* [TASK DIRECTIONS]
Go through each line of the records below and count those with the word "amount". Give only the count.

* [Source data]
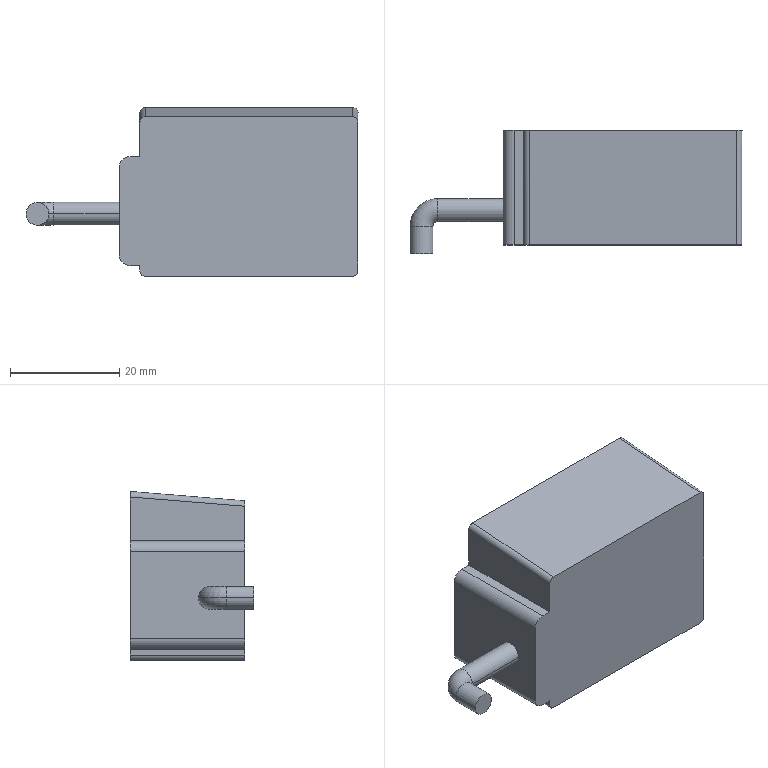Component | SolidWorks | BL-1300-2 | 1 solid | 31 faces | box 60.9 x 22.6 x 31 mm | volume 27093 mm3 | cylinder 14 | plane 11 | cone 4 | torus 2 | commonest cylinder face diameters 4.2 x4 2.5 x4 2 x4 4 x2
build123d program:
from build123d import *

# Parameters (mm, degrees)
BOSS_EXTRUDE1_DEPTH   = 20
M3_TAPPED_HOLE1_D     = 2.5
M3_TAPPED_HOLE1_DEPTH = 7.5
M3_TAPPED_HOLE1_TIP   = 0.7511
SKETCH7_W             = 20
SKETCH7_H             = 3.8
BOSS_EXTRUDE3_DEPTH   = 21
SKETCH8_R             = 2.1
FILLET1_R             = 2
FILLET2_R             = 1


with BuildPart() as part:
    # Sketch2 → Boss-Extrude1 (new, symmetric)
    with BuildSketch(Plane.XY):
        Polygon((0, 0), (31, 0), (29.3, 21), (0, 21), align=None)
    extrude(amount=BOSS_EXTRUDE1_DEPTH, both=True)

    # M3 Tapped Hole1
    with Locations(Plane(origin=(0, 0, 0), x_dir=(-1, 0, 0), z_dir=(0, -1, 0))):
        with Locations((-3.5, -16.5), (-26, 16.5)):
            Hole(M3_TAPPED_HOLE1_D / 2, depth=M3_TAPPED_HOLE1_DEPTH)
            with Locations((0, 0, -(M3_TAPPED_HOLE1_DEPTH + M3_TAPPED_HOLE1_TIP / 2))):  # 118° drill point
                Cone(0, M3_TAPPED_HOLE1_D / 2, M3_TAPPED_HOLE1_TIP, mode=Mode.SUBTRACT)

    # Sketch7 → Boss-Extrude3 (add)
    with BuildSketch(Plane.XZ):
        with Locations((12, -21.9)):
            Rectangle(SKETCH7_W, SKETCH7_H)
    extrude(amount=-BOSS_EXTRUDE3_DEPTH)

    # Sweep1: sweep along a path in Sketch9
    with BuildLine(Plane.ZY.offset(-11.5)) as sweep1_path:
        Line((-23.8, 14.6), (-35.8, 14.6))
        ThreePointArc((-35.8, 14.6), (-37.921, 15.479), (-38.8, 17.6))
        Line((-38.8, 17.6), (-38.8, 22.6))
    # Sketch8 → Sweep1 (sweep)
    with BuildSketch(Plane(origin=(0, 0, -23.8), x_dir=(-1, 0, 0), z_dir=(0, 0, -1))):
        with Locations((-11.5, 14.6)):
            Circle(SKETCH8_R)
    sweep(path=sweep1_path.line)

    # Fillet1
    fillet1_edges = [part.edges().sort_by_distance(p)[0] for p in [
        (22, 10.5, -23.8),
        (2, 10.5, -23.8),
    ]]
    fillet(fillet1_edges, radius=FILLET1_R)

    # Fillet2
    fillet2_edges = [part.edges().sort_by_distance(p)[0] for p in [
        (30.15, 10.5, 20),
        (30.15, 10.5, -20),
        (0, 10.5, -20),
        (0, 10.5, 20),
    ]]
    fillet(fillet2_edges, radius=FILLET2_R)


solid = part.part

# Placed as in the assembly
solid = solid.moved(Location((-14.281, -110.523, -276.479), (180, 90, 0)))
STEP:
#1=CARTESIAN_POINT('',(-1.972,-5.009,-10.432));
#2=VERTEX_POINT('',#1);
#3=CARTESIAN_POINT('',(-1.972,-4.843,-10.432));
#4=VERTEX_POINT('',#3);
#5=CARTESIAN_POINT('',(-1.972,-4.926,-10.432));
#6=DIRECTION('',(-1.,-0.,0.));
#7=DIRECTION('',(-0.,0.,-1.));
#8=AXIS2_PLACEMENT_3D('',#5,#6,#7);
#9=CIRCLE('',#8,0.08268);
#10=EDGE_CURVE('',#2,#4,#9,.T.);
#11=ORIENTED_EDGE('',*,*,#10,.T.);
#12=CARTESIAN_POINT('',(-2.172,-5.044,-10.432));
#13=VERTEX_POINT('',#12);
#14=CARTESIAN_POINT('',(-1.972,-5.044,-10.432));
#15=DIRECTION('',(0.,0.,1.));
#16=DIRECTION('',(1.,0.,-0.));
#17=AXIS2_PLACEMENT_3D('',#14,#15,#16);
#18=CIRCLE('',#17,0.2008);
#19=EDGE_CURVE('',#4,#13,#18,.T.);
#20=ORIENTED_EDGE('',*,*,#19,.T.);
#21=CARTESIAN_POINT('',(-2.007,-5.044,-10.432));
#22=VERTEX_POINT('',#21);
#23=CARTESIAN_POINT('',(-2.09,-5.044,-10.432));
#24=DIRECTION('',(0.,-1.,0.));
#25=DIRECTION('',(-0.,0.,-1.));
#26=AXIS2_PLACEMENT_3D('',#23,#24,#25);
#27=CIRCLE('',#26,0.08268);
#28=EDGE_CURVE('',#22,#13,#27,.T.);
#29=ORIENTED_EDGE('',*,*,#28,.F.);
#30=CARTESIAN_POINT('',(-1.972,-5.044,-10.432));
#31=DIRECTION('',(0.,0.,1.));
#32=DIRECTION('',(1.,0.,-0.));
#33=AXIS2_PLACEMENT_3D('',#30,#31,#32);
#34=CIRCLE('',#33,0.03543);
#35=EDGE_CURVE('',#2,#22,#34,.T.);
#36=ORIENTED_EDGE('',*,*,#35,.F.);
#37=EDGE_LOOP('',(#11,#20,#29,#36));
#38=FACE_OUTER_BOUND('',#37,.T.);
#39=CARTESIAN_POINT('',(-1.972,-5.044,-10.432));
#40=DIRECTION('',(0.,0.,1.));
#41=DIRECTION('',(0.,-1.,0.));
#42=AXIS2_PLACEMENT_3D('',#39,#40,#41);
#43=TOROIDAL_SURFACE('',#42,0.1181,0.08268);
#44=ADVANCED_FACE('',(#38),#43,.T.);
#45=ORIENTED_EDGE('',*,*,#10,.F.);
#46=CARTESIAN_POINT('',(-1.499,-5.009,-10.432));
#47=VERTEX_POINT('',#46);
#48=CARTESIAN_POINT('',(-1.972,-5.009,-10.432));
#49=DIRECTION('',(1.,0.,-0.));
#50=VECTOR('',#49,39.37);
#51=LINE('',#48,#50);
#52=EDGE_CURVE('',#2,#47,#51,.T.);
#53=ORIENTED_EDGE('',*,*,#52,.T.);
#54=CARTESIAN_POINT('',(-1.499,-4.843,-10.432));
#55=VERTEX_POINT('',#54);
#56=CARTESIAN_POINT('',(-1.499,-4.926,-10.432));
#57=DIRECTION('',(-1.,-0.,0.));
#58=DIRECTION('',(-0.,0.,-1.));
#59=AXIS2_PLACEMENT_3D('',#56,#57,#58);
#60=CIRCLE('',#59,0.08268);
#61=EDGE_CURVE('',#47,#55,#60,.T.);
#62=ORIENTED_EDGE('',*,*,#61,.T.);
#63=CARTESIAN_POINT('',(-1.972,-4.843,-10.432));
#64=DIRECTION('',(1.,0.,-0.));
#65=VECTOR('',#64,39.37);
#66=LINE('',#63,#65);
#67=EDGE_CURVE('',#4,#55,#66,.T.);
#68=ORIENTED_EDGE('',*,*,#67,.F.);
#69=EDGE_LOOP('',(#45,#53,#62,#68));
#70=FACE_OUTER_BOUND('',#69,.T.);
#71=CARTESIAN_POINT('',(-1.972,-4.926,-10.432));
#72=DIRECTION('',(1.,0.,-0.));
#73=DIRECTION('',(0.,1.,0.));
#74=AXIS2_PLACEMENT_3D('',#71,#72,#73);
#75=CYLINDRICAL_SURFACE('',#74,0.08268);
#76=ADVANCED_FACE('',(#70),#75,.T.);
#77=ORIENTED_EDGE('',*,*,#28,.T.);
#78=CARTESIAN_POINT('',(-2.172,-5.241,-10.432));
#79=VERTEX_POINT('',#78);
#80=CARTESIAN_POINT('',(-2.172,-5.044,-10.432));
#81=DIRECTION('',(0.,-1.,0.));
#82=VECTOR('',#81,39.37);
#83=LINE('',#80,#82);
#84=EDGE_CURVE('',#13,#79,#83,.T.);
#85=ORIENTED_EDGE('',*,*,#84,.T.);
#86=CARTESIAN_POINT('',(-2.007,-5.241,-10.432));
#87=VERTEX_POINT('',#86);
#88=CARTESIAN_POINT('',(-2.09,-5.241,-10.432));
#89=DIRECTION('',(0.,-1.,0.));
#90=DIRECTION('',(-0.,0.,-1.));
#91=AXIS2_PLACEMENT_3D('',#88,#89,#90);
#92=CIRCLE('',#91,0.08268);
#93=EDGE_CURVE('',#87,#79,#92,.T.);
#94=ORIENTED_EDGE('',*,*,#93,.F.);
#95=CARTESIAN_POINT('',(-2.007,-5.044,-10.432));
#96=DIRECTION('',(0.,-1.,0.));
#97=VECTOR('',#96,39.37);
#98=LINE('',#95,#97);
#99=EDGE_CURVE('',#22,#87,#98,.T.);
#100=ORIENTED_EDGE('',*,*,#99,.F.);
#101=EDGE_LOOP('',(#77,#85,#94,#100));
#102=FACE_OUTER_BOUND('',#101,.T.);
#103=CARTESIAN_POINT('',(-2.09,-5.044,-10.432));
#104=DIRECTION('',(0.,-1.,0.));
#105=DIRECTION('',(1.,0.,-0.));
#106=AXIS2_PLACEMENT_3D('',#103,#104,#105);
#107=CYLINDRICAL_SURFACE('',#106,0.08268);
#108=ADVANCED_FACE('',(#102),#107,.T.);
#109=CARTESIAN_POINT('',(0.1366,-4.647,-10.747));
#110=VERTEX_POINT('',#109);
#111=CARTESIAN_POINT('',(0.03816,-4.647,-10.747));
#112=VERTEX_POINT('',#111);
#113=CARTESIAN_POINT('',(0.08738,-4.647,-10.747));
#114=DIRECTION('',(-0.,1.,-0.));
#115=DIRECTION('',(-1.,0.,0.));
#116=AXIS2_PLACEMENT_3D('',#113,#114,#115);
#117=CIRCLE('',#116,0.04921);
#118=EDGE_CURVE('',#110,#112,#117,.T.);
#119=ORIENTED_EDGE('',*,*,#118,.F.);
#120=CARTESIAN_POINT('',(0.1366,-4.351,-10.747));
#121=VERTEX_POINT('',#120);
#122=CARTESIAN_POINT('',(0.1366,-4.351,-10.747));
#123=DIRECTION('',(-0.,1.,-0.));
#124=VECTOR('',#123,39.37);
#125=LINE('',#122,#124);
#126=EDGE_CURVE('',#110,#121,#125,.T.);
#127=ORIENTED_EDGE('',*,*,#126,.T.);
#128=CARTESIAN_POINT('',(0.03816,-4.351,-10.747));
#129=VERTEX_POINT('',#128);
#130=CARTESIAN_POINT('',(0.08738,-4.351,-10.747));
#131=DIRECTION('',(-0.,1.,-0.));
#132=DIRECTION('',(-1.,0.,0.));
#133=AXIS2_PLACEMENT_3D('',#130,#131,#132);
#134=CIRCLE('',#133,0.04921);
#135=EDGE_CURVE('',#121,#129,#134,.T.);
#136=ORIENTED_EDGE('',*,*,#135,.T.);
#137=CARTESIAN_POINT('',(0.03816,-4.351,-10.747));
#138=DIRECTION('',(-0.,1.,-0.));
#139=VECTOR('',#138,39.37);
#140=LINE('',#137,#139);
#141=EDGE_CURVE('',#112,#129,#140,.T.);
#142=ORIENTED_EDGE('',*,*,#141,.F.);
#143=EDGE_LOOP('',(#119,#127,#136,#142));
#144=FACE_OUTER_BOUND('',#143,.T.);
#145=CARTESIAN_POINT('',(0.08738,-4.351,-10.747));
#146=DIRECTION('',(-0.,1.,-0.));
#147=DIRECTION('',(-1.,0.,0.));
#148=AXIS2_PLACEMENT_3D('',#145,#146,#147);
#149=CYLINDRICAL_SURFACE('',#148,0.04921);
#150=ADVANCED_FACE('',(#144),#149,.F.);
#151=CARTESIAN_POINT('',(0.08738,-4.676,-10.747));
#152=VERTEX_POINT('',#151);
#153=CARTESIAN_POINT('',(0.03816,-4.647,-10.747));
#154=DIRECTION('',(-0.8572,0.515,0.));
#155=VECTOR('',#154,39.37);
#156=LINE('',#153,#155);
#157=EDGE_CURVE('',#152,#112,#156,.T.);
#158=ORIENTED_EDGE('',*,*,#157,.F.);
#159=CARTESIAN_POINT('',(0.1366,-4.647,-10.747));
#160=DIRECTION('',(0.8572,0.515,-0.));
#161=VECTOR('',#160,39.37);
#162=LINE('',#159,#161);
#163=EDGE_CURVE('',#152,#110,#162,.T.);
#164=ORIENTED_EDGE('',*,*,#163,.T.);
#165=ORIENTED_EDGE('',*,*,#118,.T.);
#166=EDGE_LOOP('',(#158,#164,#165));
#167=FACE_OUTER_BOUND('',#166,.T.);
#168=CARTESIAN_POINT('',(0.08738,-4.647,-10.747));
#169=DIRECTION('',(-0.,1.,-0.));
#170=DIRECTION('',(-1.,0.,0.));
#171=AXIS2_PLACEMENT_3D('',#168,#169,#170);
#172=CONICAL_SURFACE('',#171,0.04921,1.03);
#173=ADVANCED_FACE('',(#167),#172,.F.);
#174=CARTESIAN_POINT('',(-1.163,-4.647,-9.861));
#175=VERTEX_POINT('',#174);
#176=CARTESIAN_POINT('',(-1.261,-4.647,-9.861));
#177=VERTEX_POINT('',#176);
#178=CARTESIAN_POINT('',(-1.212,-4.647,-9.861));
#179=DIRECTION('',(-0.,1.,-0.));
#180=DIRECTION('',(-1.,0.,0.));
#181=AXIS2_PLACEMENT_3D('',#178,#179,#180);
#182=CIRCLE('',#181,0.04921);
#183=EDGE_CURVE('',#175,#177,#182,.T.);
#184=ORIENTED_EDGE('',*,*,#183,.F.);
#185=CARTESIAN_POINT('',(-1.163,-4.351,-9.861));
#186=VERTEX_POINT('',#185);
#187=CARTESIAN_POINT('',(-1.163,-4.351,-9.861));
#188=DIRECTION('',(-0.,1.,-0.));
#189=VECTOR('',#188,39.37);
#190=LINE('',#187,#189);
#191=EDGE_CURVE('',#175,#186,#190,.T.);
#192=ORIENTED_EDGE('',*,*,#191,.T.);
#193=CARTESIAN_POINT('',(-1.261,-4.351,-9.861));
#194=VERTEX_POINT('',#193);
#195=CARTESIAN_POINT('',(-1.212,-4.351,-9.861));
#196=DIRECTION('',(-0.,1.,-0.));
#197=DIRECTION('',(-1.,0.,0.));
#198=AXIS2_PLACEMENT_3D('',#195,#196,#197);
#199=CIRCLE('',#198,0.04921);
#200=EDGE_CURVE('',#186,#194,#199,.T.);
#201=ORIENTED_EDGE('',*,*,#200,.T.);
#202=CARTESIAN_POINT('',(-1.261,-4.351,-9.861));
#203=DIRECTION('',(-0.,1.,-0.));
#204=VECTOR('',#203,39.37);
#205=LINE('',#202,#204);
#206=EDGE_CURVE('',#177,#194,#205,.T.);
#207=ORIENTED_EDGE('',*,*,#206,.F.);
#208=EDGE_LOOP('',(#184,#192,#201,#207));
#209=FACE_OUTER_BOUND('',#208,.T.);
#210=CARTESIAN_POINT('',(-1.212,-4.351,-9.861));
#211=DIRECTION('',(-0.,1.,-0.));
#212=DIRECTION('',(-1.,0.,0.));
#213=AXIS2_PLACEMENT_3D('',#210,#211,#212);
#214=CYLINDRICAL_SURFACE('',#213,0.04921);
#215=ADVANCED_FACE('',(#209),#214,.F.);
#216=CARTESIAN_POINT('',(-1.212,-4.676,-9.861));
#217=VERTEX_POINT('',#216);
#218=CARTESIAN_POINT('',(-1.261,-4.647,-9.861));
#219=DIRECTION('',(-0.8572,0.515,0.));
#220=VECTOR('',#219,39.37);
#221=LINE('',#218,#220);
#222=EDGE_CURVE('',#217,#177,#221,.T.);
#223=ORIENTED_EDGE('',*,*,#222,.F.);
#224=CARTESIAN_POINT('',(-1.163,-4.647,-9.861));
#225=DIRECTION('',(0.8572,0.515,-0.));
#226=VECTOR('',#225,39.37);
#227=LINE('',#224,#226);
#228=EDGE_CURVE('',#217,#175,#227,.T.);
#229=ORIENTED_EDGE('',*,*,#228,.T.);
#230=ORIENTED_EDGE('',*,*,#183,.T.);
#231=EDGE_LOOP('',(#223,#229,#230));
#232=FACE_OUTER_BOUND('',#231,.T.);
#233=CARTESIAN_POINT('',(-1.212,-4.647,-9.861));
#234=DIRECTION('',(-0.,1.,-0.));
#235=DIRECTION('',(-1.,0.,0.));
#236=AXIS2_PLACEMENT_3D('',#233,#234,#235);
#237=CONICAL_SURFACE('',#236,0.04921,1.03);
#238=ADVANCED_FACE('',(#232),#237,.F.);
#239=CARTESIAN_POINT('',(-1.35,-5.178,-9.771));
#240=VERTEX_POINT('',#239);
#241=CARTESIAN_POINT('',(-1.35,-5.178,-10.019));
#242=VERTEX_POINT('',#241);
#243=CARTESIAN_POINT('',(-1.35,-5.178,-9.731));
#244=DIRECTION('',(-0.,-0.,-1.));
#245=VECTOR('',#244,39.37);
#246=LINE('',#243,#245);
#247=EDGE_CURVE('',#240,#242,#246,.T.);
#248=ORIENTED_EDGE('',*,*,#247,.F.);
#249=CARTESIAN_POINT('',(-1.35,-4.351,-9.704));
#250=VERTEX_POINT('',#249);
#251=CARTESIAN_POINT('',(-1.35,-4.446,-9.712));
#252=DIRECTION('',(0.,0.9967,0.08069));
#253=VECTOR('',#252,39.37);
#254=LINE('',#251,#253);
#255=EDGE_CURVE('',#240,#250,#254,.T.);
#256=ORIENTED_EDGE('',*,*,#255,.T.);
#257=CARTESIAN_POINT('',(-1.35,-4.351,-10.019));
#258=VERTEX_POINT('',#257);
#259=CARTESIAN_POINT('',(-1.35,-4.351,-10.885));
#260=DIRECTION('',(0.,0.,1.));
#261=VECTOR('',#260,39.37);
#262=LINE('',#259,#261);
#263=EDGE_CURVE('',#258,#250,#262,.T.);
#264=ORIENTED_EDGE('',*,*,#263,.F.);
#265=CARTESIAN_POINT('',(-1.35,-5.98,-10.019));
#266=DIRECTION('',(-0.,1.,-0.));
#267=VECTOR('',#266,39.37);
#268=LINE('',#265,#267);
#269=EDGE_CURVE('',#242,#258,#268,.T.);
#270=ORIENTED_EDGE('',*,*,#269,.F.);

* [RESULT FOR THIS EXERCISE]
2